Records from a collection
* * *
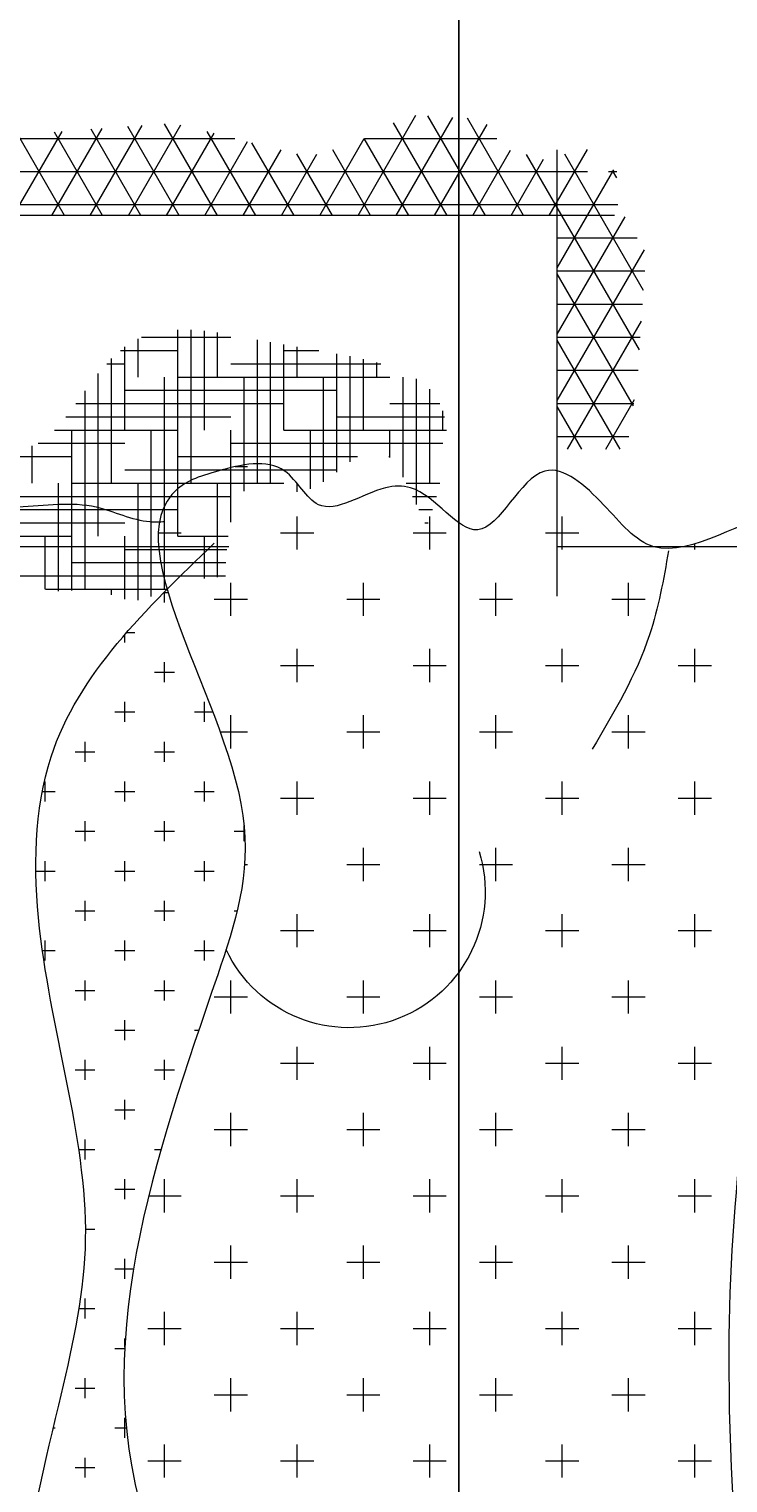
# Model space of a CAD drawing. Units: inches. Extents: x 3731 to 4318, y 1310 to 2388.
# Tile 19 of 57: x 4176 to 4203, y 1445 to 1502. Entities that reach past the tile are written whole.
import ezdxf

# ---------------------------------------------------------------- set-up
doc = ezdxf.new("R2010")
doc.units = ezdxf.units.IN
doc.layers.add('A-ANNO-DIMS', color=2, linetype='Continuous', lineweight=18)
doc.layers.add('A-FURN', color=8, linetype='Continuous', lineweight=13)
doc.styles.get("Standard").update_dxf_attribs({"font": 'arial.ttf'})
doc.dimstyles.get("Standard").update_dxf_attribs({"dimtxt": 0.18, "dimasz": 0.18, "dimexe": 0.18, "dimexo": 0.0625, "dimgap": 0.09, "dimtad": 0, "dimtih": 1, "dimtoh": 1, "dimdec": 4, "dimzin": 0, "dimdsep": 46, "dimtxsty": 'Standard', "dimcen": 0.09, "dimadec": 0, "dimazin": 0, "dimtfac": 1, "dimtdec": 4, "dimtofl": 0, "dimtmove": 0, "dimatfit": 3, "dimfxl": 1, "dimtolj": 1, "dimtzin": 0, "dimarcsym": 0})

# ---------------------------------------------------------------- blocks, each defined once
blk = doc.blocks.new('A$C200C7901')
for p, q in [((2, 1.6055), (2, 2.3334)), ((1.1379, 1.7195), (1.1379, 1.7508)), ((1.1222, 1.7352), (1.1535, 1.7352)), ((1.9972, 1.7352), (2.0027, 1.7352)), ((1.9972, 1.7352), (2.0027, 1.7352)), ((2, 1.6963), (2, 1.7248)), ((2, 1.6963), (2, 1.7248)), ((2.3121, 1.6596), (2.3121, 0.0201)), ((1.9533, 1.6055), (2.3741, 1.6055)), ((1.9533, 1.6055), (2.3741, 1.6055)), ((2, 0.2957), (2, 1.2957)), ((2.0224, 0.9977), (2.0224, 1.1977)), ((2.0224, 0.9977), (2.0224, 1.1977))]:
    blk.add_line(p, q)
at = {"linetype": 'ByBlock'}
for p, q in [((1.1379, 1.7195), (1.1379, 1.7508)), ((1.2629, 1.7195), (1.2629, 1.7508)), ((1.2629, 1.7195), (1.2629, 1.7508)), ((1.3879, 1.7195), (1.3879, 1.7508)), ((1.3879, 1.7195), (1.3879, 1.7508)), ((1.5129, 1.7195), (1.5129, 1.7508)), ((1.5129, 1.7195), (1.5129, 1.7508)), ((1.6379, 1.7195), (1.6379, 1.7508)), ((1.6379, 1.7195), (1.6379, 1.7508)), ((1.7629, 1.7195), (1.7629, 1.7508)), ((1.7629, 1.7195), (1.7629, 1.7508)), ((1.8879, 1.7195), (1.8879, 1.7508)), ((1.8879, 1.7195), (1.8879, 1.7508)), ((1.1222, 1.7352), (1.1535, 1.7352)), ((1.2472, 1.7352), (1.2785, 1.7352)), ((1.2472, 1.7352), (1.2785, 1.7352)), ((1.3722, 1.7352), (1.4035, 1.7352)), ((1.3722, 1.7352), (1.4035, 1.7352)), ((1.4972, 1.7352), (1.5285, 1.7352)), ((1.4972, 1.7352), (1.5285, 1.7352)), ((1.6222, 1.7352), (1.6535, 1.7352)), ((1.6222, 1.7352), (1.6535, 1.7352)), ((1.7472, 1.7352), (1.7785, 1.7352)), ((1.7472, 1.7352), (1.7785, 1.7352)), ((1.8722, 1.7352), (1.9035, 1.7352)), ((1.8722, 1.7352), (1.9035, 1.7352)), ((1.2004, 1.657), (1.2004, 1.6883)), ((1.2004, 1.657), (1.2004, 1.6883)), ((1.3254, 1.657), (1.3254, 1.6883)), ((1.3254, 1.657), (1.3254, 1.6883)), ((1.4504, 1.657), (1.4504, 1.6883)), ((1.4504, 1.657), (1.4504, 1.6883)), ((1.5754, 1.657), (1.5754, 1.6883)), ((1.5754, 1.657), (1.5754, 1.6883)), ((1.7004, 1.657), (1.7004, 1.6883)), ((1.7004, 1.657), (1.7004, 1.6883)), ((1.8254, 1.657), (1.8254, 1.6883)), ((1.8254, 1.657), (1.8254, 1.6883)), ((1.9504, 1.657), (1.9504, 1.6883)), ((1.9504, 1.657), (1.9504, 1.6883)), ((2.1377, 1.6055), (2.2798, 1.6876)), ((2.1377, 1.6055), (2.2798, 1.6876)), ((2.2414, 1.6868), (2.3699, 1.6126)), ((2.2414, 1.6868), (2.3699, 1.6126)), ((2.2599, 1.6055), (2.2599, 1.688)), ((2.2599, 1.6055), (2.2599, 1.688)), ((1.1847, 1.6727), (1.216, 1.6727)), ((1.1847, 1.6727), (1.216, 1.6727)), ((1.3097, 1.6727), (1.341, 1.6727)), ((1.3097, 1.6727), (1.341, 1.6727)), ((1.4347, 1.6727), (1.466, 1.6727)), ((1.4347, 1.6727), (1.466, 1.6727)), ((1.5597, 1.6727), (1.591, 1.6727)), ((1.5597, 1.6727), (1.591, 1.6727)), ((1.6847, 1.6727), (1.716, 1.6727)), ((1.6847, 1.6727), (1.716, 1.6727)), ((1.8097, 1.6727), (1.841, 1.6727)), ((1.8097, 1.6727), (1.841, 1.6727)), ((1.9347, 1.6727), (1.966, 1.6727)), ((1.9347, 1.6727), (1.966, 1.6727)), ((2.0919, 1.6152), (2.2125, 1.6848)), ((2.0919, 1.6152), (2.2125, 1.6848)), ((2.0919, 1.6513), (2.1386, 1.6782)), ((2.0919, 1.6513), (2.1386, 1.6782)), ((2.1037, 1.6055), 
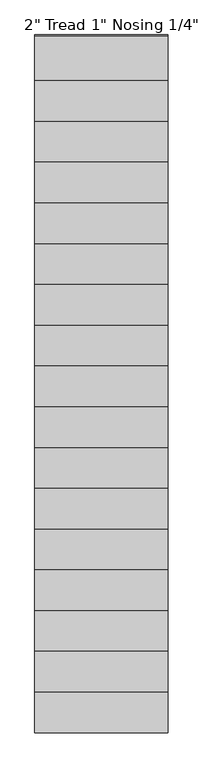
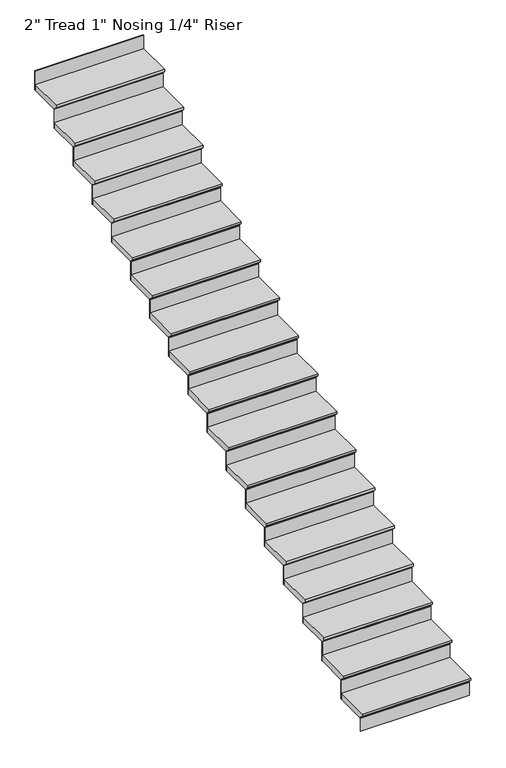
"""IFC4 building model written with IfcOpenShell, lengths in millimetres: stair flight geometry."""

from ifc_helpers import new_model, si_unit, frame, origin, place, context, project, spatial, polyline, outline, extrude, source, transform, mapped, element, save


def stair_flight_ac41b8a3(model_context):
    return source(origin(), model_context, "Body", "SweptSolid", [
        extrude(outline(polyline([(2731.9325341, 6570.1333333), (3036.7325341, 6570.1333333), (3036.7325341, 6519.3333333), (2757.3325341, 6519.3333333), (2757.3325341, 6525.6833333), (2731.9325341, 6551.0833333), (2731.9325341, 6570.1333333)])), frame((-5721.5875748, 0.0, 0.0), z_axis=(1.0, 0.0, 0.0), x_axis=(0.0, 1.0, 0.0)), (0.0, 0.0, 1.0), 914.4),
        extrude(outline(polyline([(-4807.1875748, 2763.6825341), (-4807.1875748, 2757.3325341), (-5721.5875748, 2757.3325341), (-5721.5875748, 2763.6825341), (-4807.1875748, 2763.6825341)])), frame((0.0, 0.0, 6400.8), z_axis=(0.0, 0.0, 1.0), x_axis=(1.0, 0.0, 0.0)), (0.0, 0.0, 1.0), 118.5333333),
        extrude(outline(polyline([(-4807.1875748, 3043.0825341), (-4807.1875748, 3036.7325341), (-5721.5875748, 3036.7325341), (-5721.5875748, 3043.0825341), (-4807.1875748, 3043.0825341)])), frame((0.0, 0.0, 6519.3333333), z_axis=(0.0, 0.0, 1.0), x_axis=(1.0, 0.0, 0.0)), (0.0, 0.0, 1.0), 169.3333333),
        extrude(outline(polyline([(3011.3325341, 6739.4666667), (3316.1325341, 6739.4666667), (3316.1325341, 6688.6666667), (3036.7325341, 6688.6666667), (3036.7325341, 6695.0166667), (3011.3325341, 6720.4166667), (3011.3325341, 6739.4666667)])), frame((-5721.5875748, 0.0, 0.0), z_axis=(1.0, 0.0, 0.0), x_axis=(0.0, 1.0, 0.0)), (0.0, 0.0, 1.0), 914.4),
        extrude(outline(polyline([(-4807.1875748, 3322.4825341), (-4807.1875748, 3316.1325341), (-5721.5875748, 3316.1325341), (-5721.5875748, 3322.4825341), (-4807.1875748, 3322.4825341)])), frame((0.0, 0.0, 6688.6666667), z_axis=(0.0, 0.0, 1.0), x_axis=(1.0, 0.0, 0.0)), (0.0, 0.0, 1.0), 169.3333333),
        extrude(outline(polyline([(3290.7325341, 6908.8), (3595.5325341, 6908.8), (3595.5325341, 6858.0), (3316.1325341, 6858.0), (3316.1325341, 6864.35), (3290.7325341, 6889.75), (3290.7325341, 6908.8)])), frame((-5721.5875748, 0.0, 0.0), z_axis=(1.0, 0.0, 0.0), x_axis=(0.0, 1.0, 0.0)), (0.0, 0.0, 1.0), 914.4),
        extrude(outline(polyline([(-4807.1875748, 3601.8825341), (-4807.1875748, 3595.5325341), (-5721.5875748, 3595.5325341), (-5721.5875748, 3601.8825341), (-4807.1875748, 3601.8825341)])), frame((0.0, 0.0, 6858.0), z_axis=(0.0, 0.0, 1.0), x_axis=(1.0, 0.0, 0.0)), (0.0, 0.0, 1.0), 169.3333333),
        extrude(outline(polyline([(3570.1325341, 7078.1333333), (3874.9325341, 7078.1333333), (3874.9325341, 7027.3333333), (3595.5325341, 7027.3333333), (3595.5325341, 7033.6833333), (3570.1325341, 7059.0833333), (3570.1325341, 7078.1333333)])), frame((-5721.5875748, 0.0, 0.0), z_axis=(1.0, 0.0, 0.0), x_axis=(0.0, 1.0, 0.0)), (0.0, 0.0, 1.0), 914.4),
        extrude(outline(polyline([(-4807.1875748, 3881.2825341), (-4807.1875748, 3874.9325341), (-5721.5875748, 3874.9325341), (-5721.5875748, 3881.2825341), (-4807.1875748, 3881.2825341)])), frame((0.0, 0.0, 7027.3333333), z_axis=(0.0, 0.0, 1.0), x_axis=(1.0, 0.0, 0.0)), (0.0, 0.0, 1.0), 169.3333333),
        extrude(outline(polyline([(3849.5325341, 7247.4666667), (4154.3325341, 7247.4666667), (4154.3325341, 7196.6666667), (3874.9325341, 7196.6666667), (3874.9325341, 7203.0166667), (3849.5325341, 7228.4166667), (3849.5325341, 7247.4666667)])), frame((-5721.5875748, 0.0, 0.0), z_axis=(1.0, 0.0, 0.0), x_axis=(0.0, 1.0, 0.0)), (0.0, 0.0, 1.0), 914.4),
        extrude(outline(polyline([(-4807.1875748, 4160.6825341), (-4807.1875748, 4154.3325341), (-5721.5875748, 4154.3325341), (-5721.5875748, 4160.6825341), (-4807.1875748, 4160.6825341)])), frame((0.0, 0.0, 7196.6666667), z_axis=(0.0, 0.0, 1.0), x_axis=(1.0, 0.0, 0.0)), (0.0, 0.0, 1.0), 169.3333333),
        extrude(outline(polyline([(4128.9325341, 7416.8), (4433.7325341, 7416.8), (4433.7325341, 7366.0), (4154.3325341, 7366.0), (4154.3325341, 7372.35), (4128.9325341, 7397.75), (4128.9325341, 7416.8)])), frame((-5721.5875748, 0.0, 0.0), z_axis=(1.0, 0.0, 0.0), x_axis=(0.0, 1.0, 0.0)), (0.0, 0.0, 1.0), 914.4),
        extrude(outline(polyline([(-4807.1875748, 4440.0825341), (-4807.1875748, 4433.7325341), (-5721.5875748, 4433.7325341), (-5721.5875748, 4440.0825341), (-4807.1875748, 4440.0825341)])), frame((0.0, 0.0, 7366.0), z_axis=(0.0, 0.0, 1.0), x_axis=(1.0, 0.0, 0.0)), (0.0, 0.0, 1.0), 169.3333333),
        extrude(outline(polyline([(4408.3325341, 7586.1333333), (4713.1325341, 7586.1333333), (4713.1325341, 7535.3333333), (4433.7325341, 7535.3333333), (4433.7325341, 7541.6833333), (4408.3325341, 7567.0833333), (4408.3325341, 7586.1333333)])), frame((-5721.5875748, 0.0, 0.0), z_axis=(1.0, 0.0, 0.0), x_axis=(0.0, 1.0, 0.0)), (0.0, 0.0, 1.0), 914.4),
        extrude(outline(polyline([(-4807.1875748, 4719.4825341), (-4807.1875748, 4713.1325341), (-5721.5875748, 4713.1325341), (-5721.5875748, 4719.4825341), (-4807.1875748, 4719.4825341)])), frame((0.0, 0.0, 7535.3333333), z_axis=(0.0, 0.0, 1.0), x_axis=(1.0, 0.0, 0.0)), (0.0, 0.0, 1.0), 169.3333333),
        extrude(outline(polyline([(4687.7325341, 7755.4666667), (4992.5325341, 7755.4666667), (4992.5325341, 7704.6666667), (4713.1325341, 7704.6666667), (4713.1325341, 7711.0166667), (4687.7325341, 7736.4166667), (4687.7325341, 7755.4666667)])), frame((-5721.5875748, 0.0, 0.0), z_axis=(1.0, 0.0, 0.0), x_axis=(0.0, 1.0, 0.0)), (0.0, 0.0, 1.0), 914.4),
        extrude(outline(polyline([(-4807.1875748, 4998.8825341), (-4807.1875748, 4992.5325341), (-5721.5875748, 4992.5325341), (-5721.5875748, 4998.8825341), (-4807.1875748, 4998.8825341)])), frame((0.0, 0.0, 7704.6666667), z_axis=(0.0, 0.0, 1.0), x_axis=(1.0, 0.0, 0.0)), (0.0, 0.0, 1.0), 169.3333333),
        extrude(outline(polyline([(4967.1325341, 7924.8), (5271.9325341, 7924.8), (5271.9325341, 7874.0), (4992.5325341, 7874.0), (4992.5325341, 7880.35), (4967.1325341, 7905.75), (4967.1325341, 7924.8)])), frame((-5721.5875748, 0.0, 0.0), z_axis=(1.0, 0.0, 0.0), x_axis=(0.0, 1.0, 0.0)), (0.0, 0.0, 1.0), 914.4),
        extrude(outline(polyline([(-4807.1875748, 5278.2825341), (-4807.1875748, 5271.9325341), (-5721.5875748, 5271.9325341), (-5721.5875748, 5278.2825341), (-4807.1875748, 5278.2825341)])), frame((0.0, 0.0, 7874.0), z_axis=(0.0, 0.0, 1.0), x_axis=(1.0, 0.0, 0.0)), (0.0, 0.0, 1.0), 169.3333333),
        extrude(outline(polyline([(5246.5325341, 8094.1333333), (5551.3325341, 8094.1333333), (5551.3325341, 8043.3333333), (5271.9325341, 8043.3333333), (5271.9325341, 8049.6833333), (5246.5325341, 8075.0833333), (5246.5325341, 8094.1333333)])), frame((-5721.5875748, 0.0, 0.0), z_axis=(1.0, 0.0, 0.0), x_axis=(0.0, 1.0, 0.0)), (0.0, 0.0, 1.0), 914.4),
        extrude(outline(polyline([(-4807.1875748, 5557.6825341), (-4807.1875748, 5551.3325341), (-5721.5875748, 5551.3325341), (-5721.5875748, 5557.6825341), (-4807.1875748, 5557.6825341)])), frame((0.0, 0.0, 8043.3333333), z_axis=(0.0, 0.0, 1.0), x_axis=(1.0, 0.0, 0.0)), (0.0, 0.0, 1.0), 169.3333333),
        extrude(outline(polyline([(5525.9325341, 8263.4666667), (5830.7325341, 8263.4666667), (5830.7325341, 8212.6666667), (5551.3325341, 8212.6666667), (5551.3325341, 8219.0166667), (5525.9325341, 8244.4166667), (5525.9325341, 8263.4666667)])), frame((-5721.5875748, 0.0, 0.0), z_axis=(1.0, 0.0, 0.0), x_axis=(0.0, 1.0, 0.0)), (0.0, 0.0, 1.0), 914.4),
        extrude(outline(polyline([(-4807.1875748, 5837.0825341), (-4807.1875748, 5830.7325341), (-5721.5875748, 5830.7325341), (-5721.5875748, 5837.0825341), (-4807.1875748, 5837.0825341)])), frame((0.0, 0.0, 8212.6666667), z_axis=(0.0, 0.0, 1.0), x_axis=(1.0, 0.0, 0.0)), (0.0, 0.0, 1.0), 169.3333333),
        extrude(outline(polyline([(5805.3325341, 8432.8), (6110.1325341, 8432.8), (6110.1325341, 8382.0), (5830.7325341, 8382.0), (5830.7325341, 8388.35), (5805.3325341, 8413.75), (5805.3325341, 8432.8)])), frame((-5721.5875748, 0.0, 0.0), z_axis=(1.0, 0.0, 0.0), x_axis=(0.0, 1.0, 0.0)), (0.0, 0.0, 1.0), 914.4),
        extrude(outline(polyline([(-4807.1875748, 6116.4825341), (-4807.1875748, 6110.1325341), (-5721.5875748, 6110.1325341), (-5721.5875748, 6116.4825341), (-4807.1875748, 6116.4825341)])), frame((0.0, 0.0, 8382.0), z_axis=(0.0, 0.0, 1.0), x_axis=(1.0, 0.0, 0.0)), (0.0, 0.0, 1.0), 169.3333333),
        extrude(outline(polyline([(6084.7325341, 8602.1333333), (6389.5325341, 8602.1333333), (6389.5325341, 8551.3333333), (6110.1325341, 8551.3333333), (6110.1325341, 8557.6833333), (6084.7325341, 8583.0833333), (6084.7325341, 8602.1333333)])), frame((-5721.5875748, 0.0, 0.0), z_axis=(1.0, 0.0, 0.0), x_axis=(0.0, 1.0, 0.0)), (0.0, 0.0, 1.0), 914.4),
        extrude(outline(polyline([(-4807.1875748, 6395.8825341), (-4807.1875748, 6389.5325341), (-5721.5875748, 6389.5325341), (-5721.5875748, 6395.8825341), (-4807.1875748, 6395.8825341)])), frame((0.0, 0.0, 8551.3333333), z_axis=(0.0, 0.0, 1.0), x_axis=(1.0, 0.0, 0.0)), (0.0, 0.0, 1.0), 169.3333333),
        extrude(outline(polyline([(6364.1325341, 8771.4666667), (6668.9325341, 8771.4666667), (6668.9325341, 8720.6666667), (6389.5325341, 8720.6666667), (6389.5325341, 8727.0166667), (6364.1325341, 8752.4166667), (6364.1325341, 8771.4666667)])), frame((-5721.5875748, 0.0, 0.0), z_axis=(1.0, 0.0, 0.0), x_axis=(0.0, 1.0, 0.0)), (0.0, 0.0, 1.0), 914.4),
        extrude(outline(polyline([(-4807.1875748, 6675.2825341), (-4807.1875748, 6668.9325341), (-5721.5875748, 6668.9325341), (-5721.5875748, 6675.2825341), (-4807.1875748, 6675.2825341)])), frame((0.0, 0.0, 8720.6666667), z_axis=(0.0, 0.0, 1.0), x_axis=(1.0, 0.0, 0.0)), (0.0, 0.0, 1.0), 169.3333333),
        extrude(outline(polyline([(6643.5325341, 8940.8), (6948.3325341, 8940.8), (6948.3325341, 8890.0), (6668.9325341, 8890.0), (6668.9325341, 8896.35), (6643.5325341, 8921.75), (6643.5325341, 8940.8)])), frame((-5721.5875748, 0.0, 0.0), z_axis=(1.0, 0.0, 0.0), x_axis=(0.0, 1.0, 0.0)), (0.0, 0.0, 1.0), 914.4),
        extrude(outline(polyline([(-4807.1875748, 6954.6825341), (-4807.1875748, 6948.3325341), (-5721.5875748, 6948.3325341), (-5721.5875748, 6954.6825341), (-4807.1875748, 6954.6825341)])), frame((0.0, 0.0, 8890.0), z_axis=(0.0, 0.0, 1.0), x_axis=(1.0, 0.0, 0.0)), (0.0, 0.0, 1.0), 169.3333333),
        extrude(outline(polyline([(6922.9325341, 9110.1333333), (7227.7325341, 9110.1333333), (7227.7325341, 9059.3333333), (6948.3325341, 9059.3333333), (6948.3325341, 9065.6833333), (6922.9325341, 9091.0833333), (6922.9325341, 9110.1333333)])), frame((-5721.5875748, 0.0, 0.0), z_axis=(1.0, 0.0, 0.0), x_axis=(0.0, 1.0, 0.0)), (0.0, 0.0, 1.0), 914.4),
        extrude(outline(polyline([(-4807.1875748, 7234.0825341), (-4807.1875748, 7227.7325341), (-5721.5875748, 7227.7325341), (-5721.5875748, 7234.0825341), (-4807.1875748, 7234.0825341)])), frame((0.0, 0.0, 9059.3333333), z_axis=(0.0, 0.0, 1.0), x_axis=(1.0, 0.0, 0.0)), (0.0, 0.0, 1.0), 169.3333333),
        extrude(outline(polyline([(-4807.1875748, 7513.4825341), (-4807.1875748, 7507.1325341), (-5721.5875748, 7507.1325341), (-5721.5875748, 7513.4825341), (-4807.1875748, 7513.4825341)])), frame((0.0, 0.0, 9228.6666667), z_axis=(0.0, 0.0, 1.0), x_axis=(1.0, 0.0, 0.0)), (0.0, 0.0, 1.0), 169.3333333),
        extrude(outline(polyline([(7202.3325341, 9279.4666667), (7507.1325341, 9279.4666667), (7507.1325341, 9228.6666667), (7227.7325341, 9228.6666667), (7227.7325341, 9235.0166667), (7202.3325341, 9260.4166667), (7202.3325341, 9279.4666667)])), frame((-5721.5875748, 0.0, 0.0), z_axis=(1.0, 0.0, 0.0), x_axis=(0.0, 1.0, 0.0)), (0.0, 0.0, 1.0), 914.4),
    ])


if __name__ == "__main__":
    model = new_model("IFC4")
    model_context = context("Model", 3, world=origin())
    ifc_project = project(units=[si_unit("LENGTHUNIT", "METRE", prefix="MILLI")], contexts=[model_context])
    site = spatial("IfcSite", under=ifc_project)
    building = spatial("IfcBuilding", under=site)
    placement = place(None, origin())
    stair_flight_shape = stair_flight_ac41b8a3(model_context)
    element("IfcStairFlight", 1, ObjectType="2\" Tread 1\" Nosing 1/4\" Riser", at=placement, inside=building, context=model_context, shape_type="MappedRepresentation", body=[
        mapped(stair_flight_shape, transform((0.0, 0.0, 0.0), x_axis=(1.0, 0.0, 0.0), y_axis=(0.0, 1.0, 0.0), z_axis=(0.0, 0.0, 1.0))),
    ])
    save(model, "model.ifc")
* * *
== Task prompt ==
Your task is to copy each line of the data above that holds "building".

== Answer to this problem ==
"""IFC4 building model written with IfcOpenShell, lengths in millimetres: stair flight geometry."""
    building = spatial("IfcBuilding", under=site)
    element("IfcStairFlight", 1, ObjectType="2\" Tread 1\" Nosing 1/4\" Riser", at=placement, inside=building, context=model_context, shape_type="MappedRepresentation", body=[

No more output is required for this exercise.